Records supplied: Begin

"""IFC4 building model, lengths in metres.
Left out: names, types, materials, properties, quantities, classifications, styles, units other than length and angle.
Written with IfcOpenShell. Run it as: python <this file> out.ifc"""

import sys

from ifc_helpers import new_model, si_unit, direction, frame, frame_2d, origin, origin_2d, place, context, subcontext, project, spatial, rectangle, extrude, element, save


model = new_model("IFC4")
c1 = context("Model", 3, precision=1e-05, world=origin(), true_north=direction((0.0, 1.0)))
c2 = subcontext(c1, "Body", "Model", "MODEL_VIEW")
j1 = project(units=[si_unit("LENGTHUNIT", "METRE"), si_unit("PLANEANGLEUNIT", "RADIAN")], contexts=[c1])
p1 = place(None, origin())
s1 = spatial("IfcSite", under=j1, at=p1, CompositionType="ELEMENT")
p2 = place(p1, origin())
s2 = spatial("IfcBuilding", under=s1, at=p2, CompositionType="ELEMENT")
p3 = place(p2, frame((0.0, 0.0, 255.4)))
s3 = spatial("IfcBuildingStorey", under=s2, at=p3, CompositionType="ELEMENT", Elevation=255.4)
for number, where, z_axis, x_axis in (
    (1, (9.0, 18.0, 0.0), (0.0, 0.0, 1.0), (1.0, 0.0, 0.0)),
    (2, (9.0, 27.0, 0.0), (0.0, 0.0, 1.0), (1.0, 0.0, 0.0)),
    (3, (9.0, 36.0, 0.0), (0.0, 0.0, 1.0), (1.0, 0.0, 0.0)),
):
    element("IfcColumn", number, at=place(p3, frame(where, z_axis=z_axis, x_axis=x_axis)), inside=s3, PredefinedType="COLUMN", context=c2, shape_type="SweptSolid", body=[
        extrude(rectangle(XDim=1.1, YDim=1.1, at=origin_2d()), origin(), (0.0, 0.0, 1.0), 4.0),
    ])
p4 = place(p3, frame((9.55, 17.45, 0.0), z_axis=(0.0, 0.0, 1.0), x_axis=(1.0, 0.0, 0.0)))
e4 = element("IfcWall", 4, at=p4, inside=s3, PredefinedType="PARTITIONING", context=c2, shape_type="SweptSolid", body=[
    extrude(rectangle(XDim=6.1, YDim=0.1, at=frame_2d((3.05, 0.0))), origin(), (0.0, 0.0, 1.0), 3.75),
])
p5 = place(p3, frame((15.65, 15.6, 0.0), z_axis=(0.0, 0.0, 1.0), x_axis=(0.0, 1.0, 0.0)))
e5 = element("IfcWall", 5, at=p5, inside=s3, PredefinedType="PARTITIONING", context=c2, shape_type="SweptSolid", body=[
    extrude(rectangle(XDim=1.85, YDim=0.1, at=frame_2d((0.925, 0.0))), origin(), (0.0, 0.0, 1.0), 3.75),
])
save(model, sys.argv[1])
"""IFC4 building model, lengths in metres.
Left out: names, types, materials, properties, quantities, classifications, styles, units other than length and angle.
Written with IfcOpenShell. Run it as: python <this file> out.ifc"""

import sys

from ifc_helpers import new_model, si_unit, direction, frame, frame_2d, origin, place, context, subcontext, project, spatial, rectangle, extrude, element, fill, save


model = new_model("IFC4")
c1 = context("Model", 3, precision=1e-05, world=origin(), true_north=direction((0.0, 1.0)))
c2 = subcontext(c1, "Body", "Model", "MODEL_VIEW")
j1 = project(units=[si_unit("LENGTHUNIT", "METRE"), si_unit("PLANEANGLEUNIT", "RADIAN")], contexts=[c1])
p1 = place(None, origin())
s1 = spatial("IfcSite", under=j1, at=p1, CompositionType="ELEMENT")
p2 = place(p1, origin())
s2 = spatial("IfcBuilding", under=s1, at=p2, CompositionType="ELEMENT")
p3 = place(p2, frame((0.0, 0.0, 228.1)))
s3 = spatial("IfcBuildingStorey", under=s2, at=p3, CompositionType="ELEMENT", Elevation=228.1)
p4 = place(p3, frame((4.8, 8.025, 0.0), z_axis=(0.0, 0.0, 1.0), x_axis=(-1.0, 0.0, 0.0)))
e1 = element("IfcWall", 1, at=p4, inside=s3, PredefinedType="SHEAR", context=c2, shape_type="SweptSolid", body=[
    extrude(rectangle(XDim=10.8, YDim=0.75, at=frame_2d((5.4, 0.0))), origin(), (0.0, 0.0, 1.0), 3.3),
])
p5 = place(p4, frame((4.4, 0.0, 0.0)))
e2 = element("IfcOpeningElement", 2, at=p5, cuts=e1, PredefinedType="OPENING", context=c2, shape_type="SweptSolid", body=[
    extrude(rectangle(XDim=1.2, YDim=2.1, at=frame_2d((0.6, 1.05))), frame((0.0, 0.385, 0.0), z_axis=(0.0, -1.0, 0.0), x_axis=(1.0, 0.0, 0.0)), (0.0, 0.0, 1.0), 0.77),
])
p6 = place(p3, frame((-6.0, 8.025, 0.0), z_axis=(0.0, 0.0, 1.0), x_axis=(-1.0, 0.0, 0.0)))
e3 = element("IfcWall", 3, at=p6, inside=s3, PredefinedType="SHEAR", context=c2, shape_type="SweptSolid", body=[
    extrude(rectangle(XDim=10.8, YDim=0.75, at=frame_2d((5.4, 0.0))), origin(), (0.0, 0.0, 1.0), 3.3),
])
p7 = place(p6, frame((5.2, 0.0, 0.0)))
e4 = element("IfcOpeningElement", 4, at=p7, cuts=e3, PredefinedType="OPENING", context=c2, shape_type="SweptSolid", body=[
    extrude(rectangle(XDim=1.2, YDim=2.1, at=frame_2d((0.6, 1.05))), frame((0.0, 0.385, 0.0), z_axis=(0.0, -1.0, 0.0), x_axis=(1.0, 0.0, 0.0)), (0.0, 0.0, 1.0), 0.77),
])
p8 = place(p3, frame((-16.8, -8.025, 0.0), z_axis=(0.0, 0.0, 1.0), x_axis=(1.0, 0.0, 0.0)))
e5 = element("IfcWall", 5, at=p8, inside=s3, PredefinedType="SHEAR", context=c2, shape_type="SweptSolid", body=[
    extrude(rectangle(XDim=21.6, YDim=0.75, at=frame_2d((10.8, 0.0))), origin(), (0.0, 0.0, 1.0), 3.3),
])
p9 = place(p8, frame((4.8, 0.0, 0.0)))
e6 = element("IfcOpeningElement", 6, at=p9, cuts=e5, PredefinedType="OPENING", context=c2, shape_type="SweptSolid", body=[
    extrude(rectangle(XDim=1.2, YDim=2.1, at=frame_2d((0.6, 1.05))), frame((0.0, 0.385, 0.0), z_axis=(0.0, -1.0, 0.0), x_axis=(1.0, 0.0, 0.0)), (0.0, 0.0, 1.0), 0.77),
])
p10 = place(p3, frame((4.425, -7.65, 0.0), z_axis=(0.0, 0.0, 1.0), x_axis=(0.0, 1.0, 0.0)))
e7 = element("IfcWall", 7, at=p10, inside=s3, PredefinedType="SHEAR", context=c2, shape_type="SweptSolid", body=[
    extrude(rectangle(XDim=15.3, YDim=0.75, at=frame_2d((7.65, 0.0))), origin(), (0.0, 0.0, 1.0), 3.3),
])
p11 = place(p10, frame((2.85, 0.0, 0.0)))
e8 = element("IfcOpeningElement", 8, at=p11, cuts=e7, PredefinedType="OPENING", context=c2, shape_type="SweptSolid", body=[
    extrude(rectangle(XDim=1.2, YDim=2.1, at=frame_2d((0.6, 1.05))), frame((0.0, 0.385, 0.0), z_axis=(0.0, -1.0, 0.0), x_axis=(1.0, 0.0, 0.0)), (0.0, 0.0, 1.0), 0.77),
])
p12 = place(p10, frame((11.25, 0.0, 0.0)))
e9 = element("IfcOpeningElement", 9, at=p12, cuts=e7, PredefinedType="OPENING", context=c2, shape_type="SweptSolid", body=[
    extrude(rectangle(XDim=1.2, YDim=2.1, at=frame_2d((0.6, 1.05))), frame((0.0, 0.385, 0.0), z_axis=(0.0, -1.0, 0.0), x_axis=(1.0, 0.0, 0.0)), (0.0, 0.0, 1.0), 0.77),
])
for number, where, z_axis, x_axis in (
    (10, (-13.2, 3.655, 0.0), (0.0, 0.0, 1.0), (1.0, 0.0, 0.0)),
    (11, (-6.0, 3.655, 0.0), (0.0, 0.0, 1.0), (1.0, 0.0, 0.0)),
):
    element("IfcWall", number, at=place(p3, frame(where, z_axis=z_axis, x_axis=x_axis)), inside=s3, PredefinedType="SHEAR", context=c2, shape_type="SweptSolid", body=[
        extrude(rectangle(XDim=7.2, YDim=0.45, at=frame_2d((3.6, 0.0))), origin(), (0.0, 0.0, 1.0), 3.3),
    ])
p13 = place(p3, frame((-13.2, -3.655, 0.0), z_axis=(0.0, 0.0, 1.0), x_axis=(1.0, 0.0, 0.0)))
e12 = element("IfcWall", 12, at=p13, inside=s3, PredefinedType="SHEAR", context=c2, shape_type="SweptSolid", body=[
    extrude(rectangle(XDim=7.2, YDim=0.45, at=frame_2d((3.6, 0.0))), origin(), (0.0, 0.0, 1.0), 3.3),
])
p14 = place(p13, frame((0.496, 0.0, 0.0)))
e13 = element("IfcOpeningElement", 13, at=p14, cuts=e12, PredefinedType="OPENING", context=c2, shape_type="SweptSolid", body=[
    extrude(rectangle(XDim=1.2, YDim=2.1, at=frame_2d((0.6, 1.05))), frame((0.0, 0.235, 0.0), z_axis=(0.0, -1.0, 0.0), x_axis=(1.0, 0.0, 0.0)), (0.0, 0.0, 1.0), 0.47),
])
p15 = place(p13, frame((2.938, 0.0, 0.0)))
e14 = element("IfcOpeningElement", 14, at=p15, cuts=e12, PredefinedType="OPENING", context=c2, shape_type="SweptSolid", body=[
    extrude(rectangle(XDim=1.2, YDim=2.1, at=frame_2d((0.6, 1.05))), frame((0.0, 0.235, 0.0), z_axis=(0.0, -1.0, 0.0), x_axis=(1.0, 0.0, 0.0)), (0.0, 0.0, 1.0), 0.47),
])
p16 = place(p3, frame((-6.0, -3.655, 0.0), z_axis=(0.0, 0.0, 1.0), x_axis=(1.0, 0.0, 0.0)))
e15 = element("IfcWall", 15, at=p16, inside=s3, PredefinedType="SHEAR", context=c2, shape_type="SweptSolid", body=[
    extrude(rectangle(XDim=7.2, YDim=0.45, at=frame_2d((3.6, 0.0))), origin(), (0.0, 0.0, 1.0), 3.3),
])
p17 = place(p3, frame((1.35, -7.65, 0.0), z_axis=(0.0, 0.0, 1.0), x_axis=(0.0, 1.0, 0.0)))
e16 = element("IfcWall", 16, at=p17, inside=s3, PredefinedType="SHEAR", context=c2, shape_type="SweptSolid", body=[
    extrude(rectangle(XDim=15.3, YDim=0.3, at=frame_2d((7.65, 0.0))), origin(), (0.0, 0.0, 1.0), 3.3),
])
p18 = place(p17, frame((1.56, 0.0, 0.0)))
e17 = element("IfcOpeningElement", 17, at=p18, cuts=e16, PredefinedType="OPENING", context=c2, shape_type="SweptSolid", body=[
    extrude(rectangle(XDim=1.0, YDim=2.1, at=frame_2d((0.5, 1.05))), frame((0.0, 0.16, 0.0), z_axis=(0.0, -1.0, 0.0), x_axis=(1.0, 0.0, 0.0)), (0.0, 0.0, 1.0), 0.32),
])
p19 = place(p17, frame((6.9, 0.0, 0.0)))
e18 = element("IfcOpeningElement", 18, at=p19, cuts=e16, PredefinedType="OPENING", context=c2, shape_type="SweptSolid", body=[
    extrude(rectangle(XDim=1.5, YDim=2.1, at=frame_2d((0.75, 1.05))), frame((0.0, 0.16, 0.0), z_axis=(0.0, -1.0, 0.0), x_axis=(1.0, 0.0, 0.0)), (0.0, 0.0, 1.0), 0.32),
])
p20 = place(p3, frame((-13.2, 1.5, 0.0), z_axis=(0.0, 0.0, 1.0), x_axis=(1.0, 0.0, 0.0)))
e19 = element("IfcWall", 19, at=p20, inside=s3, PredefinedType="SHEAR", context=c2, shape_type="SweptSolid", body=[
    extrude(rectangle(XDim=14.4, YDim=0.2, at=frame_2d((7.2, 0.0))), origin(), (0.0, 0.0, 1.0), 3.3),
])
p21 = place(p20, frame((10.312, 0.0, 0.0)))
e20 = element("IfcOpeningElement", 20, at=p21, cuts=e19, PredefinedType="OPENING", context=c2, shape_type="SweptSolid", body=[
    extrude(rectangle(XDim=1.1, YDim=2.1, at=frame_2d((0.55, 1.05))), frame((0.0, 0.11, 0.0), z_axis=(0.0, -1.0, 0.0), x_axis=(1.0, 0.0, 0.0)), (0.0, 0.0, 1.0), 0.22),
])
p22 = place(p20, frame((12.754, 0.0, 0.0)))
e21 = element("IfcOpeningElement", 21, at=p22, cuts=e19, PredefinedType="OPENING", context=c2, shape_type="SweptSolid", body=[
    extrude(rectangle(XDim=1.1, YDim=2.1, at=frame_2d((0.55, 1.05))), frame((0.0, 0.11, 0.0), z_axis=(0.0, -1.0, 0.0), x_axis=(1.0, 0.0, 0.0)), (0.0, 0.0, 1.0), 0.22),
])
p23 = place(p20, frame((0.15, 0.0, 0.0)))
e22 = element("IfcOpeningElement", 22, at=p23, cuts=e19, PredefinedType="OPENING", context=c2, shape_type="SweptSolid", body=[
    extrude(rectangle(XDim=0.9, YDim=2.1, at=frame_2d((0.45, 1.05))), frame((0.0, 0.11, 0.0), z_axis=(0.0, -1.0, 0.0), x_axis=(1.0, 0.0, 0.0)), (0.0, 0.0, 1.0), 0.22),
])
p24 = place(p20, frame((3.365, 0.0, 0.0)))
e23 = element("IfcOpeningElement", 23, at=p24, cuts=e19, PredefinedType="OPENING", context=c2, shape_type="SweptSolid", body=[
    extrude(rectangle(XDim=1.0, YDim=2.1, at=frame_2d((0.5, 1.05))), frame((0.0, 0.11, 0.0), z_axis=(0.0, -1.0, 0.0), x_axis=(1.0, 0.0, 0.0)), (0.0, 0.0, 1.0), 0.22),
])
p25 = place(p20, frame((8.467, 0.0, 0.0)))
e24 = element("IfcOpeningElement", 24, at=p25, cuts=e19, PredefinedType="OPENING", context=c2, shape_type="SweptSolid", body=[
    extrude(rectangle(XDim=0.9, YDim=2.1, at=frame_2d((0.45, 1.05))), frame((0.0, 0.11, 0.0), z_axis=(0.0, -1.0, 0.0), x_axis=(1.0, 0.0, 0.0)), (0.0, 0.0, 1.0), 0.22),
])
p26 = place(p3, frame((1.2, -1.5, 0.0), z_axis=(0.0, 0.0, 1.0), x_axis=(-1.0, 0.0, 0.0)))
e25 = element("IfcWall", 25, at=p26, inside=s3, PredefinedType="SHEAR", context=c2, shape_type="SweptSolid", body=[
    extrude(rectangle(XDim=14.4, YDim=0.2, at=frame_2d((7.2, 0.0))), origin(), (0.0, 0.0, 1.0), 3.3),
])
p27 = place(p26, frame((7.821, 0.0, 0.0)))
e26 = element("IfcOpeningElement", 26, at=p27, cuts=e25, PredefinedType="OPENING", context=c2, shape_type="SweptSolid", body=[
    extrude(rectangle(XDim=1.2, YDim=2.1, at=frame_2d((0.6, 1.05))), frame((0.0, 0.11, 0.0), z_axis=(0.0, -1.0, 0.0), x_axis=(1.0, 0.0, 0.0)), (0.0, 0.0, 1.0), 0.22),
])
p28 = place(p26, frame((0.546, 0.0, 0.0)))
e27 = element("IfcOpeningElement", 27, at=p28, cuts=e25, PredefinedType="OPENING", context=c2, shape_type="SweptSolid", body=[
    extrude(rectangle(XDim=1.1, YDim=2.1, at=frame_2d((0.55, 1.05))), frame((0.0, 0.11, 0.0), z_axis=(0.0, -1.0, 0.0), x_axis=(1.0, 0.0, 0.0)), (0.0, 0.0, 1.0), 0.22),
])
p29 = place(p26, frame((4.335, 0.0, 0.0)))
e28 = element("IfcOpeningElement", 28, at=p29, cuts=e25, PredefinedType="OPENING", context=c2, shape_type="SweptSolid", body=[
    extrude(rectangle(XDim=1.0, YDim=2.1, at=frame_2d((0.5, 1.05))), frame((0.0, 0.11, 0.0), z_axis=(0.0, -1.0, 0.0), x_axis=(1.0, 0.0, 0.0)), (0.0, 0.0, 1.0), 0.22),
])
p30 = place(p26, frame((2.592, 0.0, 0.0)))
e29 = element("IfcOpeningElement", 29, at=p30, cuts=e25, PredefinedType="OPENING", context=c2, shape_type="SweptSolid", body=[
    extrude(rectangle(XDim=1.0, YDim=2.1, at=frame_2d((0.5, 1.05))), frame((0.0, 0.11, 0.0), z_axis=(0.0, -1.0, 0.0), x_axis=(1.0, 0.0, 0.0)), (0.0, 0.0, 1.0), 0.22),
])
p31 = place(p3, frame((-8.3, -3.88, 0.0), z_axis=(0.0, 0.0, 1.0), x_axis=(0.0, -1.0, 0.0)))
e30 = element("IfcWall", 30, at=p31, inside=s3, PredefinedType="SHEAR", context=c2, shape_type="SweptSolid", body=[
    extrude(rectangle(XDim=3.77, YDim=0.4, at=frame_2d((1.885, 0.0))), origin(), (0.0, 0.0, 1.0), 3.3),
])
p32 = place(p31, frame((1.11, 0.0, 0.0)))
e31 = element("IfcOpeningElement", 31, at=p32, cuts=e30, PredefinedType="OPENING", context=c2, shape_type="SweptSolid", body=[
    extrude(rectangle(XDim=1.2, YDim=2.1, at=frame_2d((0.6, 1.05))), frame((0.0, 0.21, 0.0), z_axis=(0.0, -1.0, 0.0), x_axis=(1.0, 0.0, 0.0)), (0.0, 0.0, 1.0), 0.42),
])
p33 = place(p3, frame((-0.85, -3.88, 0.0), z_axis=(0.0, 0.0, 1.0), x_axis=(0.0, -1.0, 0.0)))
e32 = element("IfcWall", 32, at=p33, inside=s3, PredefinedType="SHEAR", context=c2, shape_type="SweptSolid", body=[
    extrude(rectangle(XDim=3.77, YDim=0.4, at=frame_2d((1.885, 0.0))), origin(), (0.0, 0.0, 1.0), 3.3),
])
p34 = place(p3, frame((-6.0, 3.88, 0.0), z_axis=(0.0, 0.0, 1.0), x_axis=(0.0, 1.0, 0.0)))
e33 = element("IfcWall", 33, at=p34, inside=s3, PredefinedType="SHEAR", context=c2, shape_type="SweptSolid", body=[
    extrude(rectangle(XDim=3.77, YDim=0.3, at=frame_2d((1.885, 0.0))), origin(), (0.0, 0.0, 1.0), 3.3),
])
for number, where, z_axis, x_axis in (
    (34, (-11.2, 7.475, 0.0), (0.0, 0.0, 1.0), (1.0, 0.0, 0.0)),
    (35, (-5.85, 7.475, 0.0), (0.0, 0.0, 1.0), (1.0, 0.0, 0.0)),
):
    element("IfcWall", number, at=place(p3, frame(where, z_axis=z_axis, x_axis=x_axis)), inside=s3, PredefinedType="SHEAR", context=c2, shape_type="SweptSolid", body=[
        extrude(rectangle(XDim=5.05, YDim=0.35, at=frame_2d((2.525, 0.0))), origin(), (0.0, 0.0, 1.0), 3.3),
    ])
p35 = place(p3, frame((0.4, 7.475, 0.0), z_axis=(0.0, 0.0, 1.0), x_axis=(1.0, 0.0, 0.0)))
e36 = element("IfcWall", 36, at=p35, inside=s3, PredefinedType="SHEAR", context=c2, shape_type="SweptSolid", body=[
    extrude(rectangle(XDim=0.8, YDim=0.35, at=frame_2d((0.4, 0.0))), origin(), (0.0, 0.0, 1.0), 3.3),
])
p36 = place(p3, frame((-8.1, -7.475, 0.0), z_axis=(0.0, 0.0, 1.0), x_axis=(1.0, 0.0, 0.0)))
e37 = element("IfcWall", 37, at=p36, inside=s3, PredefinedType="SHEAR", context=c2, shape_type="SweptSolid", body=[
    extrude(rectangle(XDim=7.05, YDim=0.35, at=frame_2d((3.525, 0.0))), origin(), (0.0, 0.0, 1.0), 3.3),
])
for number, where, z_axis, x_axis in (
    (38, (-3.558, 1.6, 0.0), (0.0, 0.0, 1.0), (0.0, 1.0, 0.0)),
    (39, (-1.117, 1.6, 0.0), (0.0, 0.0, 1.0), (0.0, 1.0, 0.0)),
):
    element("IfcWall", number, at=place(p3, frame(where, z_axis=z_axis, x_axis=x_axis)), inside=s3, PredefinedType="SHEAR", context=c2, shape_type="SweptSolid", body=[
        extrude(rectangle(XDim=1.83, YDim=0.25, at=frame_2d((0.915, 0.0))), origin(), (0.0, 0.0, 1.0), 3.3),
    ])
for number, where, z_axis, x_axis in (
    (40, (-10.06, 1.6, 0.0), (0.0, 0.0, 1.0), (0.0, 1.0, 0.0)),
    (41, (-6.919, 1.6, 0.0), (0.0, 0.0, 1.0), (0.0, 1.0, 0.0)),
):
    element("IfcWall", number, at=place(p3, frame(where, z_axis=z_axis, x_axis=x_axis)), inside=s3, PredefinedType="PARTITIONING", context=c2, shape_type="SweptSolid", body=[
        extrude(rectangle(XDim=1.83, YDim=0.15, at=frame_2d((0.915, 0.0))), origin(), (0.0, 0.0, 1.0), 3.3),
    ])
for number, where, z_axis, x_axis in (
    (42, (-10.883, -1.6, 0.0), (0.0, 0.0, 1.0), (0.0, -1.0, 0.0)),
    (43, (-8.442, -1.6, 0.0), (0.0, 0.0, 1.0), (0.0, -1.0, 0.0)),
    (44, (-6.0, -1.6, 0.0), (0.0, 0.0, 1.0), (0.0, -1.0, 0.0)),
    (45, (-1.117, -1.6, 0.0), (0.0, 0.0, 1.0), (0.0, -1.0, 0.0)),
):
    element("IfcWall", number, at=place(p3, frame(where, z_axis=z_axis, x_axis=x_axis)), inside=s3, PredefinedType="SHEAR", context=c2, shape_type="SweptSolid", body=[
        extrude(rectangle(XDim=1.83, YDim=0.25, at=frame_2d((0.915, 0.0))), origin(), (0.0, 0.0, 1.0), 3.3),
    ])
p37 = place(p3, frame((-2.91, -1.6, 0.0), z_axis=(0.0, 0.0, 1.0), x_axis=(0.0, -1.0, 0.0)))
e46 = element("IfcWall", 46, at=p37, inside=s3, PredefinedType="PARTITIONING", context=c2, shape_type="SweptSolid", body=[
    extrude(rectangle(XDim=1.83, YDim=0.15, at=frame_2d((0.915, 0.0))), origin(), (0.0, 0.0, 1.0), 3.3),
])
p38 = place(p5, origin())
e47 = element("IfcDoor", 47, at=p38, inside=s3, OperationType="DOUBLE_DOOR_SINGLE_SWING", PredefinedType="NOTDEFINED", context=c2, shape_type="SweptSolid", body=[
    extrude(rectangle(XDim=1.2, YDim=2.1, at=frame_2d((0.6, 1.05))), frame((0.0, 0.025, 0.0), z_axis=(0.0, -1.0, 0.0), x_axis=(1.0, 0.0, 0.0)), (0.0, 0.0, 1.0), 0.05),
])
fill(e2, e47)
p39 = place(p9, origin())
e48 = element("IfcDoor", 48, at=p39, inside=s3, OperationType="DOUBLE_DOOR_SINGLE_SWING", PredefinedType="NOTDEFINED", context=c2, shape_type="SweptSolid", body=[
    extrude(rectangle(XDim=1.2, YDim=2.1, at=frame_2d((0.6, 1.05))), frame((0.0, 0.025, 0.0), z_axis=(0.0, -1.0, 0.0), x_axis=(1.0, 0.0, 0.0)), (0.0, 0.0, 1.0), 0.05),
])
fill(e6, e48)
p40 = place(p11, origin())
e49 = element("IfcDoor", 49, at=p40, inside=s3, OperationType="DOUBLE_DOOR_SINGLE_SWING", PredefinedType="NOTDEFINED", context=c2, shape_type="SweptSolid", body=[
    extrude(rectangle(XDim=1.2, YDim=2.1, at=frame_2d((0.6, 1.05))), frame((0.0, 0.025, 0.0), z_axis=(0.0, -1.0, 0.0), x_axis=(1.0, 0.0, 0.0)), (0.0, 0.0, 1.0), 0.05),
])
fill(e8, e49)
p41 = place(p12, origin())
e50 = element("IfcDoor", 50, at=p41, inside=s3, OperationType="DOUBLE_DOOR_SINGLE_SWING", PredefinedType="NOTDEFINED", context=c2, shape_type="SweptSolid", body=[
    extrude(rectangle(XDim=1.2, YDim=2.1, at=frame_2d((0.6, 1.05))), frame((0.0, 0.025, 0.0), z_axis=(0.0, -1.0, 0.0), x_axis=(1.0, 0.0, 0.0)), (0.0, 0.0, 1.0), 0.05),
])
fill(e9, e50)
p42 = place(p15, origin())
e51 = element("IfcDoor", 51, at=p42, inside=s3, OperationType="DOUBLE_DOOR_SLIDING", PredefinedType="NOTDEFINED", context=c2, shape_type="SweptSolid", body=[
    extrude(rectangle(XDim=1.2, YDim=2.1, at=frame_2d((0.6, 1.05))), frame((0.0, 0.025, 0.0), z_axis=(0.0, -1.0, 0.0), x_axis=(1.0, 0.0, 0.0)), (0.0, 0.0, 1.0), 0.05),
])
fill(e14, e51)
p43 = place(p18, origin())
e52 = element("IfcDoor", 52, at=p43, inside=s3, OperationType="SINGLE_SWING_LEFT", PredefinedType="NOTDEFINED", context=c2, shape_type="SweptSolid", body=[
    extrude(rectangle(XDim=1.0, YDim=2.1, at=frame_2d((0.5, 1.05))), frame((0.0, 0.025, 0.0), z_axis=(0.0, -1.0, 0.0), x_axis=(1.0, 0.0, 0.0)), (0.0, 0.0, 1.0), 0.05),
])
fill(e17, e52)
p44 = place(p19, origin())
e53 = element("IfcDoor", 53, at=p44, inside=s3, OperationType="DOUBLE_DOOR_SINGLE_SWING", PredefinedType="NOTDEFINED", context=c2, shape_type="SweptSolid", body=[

Records supplied: End

## Your assignment:
Return each line of the data where the word "Elevation" appears.

## Exercise result:
s3 = spatial("IfcBuildingStorey", under=s2, at=p3, CompositionType="ELEMENT", Elevation=255.4)
s3 = spatial("IfcBuildingStorey", under=s2, at=p3, CompositionType="ELEMENT", Elevation=228.1)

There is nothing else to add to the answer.